-- Exercise --
Where a line of the data below has the string "units", copy that line.

....

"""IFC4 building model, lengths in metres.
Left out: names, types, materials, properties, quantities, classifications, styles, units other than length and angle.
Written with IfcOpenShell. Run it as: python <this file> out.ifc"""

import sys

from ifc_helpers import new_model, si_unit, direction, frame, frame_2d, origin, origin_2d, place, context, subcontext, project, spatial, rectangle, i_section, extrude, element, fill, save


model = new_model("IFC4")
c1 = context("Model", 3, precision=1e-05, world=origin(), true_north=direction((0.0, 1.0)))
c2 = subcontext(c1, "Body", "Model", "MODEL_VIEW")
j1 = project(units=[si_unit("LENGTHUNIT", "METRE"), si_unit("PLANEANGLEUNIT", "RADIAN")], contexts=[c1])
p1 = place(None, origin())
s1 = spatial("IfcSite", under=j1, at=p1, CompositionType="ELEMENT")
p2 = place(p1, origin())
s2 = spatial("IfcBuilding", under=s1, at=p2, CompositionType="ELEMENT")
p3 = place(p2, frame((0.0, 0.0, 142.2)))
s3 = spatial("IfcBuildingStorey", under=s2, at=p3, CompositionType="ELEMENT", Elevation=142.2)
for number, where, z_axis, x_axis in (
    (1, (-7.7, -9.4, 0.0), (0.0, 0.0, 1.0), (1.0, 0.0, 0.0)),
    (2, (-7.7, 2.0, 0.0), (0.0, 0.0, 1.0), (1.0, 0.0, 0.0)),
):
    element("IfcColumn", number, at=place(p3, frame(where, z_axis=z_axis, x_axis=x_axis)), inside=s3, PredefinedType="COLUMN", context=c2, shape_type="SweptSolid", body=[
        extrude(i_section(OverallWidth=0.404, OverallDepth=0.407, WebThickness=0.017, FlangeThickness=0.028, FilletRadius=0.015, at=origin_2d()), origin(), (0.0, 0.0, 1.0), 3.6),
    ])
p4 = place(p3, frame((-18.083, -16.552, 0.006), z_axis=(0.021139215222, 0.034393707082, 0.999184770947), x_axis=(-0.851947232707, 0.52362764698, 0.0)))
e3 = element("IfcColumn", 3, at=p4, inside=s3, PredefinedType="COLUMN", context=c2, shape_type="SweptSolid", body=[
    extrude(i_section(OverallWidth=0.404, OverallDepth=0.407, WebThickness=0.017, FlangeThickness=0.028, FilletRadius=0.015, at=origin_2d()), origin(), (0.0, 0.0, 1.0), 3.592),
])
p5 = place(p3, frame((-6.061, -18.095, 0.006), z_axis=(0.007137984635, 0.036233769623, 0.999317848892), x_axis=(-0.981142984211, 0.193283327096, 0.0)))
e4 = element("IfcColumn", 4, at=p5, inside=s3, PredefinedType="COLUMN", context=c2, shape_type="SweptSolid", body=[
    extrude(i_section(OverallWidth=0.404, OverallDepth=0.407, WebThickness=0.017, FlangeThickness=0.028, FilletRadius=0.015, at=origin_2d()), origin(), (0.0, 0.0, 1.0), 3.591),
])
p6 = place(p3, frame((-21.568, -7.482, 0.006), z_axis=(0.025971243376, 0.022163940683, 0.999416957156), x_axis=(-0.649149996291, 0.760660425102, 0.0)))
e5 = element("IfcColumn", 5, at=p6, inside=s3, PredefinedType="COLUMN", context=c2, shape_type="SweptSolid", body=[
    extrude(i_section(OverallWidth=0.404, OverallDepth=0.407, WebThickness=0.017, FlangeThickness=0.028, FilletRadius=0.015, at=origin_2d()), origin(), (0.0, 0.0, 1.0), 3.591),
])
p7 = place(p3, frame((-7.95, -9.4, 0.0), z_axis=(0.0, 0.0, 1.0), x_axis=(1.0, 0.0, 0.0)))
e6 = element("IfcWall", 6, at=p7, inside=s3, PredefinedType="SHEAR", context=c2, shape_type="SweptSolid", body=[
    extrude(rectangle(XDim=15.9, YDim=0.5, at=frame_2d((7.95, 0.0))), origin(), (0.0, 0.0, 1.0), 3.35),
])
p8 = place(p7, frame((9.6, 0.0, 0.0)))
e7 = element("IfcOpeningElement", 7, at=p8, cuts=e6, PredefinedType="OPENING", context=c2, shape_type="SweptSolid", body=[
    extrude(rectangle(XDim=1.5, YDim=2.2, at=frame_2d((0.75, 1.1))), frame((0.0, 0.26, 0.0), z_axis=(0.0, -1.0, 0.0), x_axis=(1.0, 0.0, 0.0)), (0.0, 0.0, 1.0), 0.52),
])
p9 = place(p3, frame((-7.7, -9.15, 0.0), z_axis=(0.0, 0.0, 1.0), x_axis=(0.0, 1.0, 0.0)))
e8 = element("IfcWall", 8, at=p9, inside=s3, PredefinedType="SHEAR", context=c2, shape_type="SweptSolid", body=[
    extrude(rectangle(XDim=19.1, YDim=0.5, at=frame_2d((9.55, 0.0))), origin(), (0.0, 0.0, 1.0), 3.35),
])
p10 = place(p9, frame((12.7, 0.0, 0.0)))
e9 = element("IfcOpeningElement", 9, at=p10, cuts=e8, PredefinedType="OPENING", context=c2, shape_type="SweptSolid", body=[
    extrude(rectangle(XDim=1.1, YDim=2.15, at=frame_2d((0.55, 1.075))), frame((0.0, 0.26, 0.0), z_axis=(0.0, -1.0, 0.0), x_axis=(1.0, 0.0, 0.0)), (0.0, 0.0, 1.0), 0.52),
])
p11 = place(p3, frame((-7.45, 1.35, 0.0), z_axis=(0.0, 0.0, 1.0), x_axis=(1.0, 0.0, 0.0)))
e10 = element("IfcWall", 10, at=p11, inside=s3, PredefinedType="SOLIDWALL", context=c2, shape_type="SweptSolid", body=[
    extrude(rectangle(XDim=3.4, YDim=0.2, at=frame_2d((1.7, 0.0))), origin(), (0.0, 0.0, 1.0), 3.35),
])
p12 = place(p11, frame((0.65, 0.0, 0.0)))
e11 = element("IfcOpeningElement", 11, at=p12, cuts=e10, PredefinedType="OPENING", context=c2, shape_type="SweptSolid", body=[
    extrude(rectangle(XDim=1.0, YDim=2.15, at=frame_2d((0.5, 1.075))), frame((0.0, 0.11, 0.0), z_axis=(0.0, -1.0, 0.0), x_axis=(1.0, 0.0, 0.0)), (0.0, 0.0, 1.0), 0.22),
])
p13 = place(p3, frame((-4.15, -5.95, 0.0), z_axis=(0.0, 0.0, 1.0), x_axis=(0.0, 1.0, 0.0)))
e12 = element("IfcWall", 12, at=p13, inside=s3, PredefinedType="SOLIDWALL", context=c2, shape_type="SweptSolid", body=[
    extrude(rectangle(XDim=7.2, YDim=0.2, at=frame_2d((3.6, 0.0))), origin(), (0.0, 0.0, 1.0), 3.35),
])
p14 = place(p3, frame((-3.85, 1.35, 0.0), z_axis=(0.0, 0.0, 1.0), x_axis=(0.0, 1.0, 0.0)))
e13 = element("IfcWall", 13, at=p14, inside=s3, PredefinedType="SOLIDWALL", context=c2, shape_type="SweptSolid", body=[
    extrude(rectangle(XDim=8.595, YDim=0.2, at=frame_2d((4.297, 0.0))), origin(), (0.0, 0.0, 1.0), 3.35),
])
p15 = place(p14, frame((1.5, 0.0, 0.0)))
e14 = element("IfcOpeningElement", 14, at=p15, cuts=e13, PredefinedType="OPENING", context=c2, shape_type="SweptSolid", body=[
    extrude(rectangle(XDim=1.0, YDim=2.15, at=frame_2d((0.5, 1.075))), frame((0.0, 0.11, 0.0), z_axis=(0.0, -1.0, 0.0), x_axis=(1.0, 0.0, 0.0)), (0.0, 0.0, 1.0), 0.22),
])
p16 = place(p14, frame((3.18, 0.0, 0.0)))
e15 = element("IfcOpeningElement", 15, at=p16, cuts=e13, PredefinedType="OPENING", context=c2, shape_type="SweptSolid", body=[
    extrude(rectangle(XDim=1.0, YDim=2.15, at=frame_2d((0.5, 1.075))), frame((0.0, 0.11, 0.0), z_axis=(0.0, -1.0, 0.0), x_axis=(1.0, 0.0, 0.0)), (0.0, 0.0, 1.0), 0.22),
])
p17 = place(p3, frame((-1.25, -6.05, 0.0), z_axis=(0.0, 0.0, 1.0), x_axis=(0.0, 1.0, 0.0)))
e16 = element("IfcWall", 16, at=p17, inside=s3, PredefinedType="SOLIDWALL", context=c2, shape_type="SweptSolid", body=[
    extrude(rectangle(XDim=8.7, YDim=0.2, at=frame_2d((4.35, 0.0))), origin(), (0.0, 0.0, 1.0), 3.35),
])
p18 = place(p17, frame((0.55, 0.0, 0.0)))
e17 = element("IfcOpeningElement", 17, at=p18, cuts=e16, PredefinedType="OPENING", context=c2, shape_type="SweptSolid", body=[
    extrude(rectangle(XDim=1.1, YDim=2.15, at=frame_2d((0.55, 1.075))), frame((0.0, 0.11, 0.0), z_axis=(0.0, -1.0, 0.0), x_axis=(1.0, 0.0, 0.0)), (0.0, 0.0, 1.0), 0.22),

....

-- Solution below --
Left out: names, types, materials, properties, quantities, classifications, styles, units other than length and angle.
j1 = project(units=[si_unit("LENGTHUNIT", "METRE"), si_unit("PLANEANGLEUNIT", "RADIAN")], contexts=[c1])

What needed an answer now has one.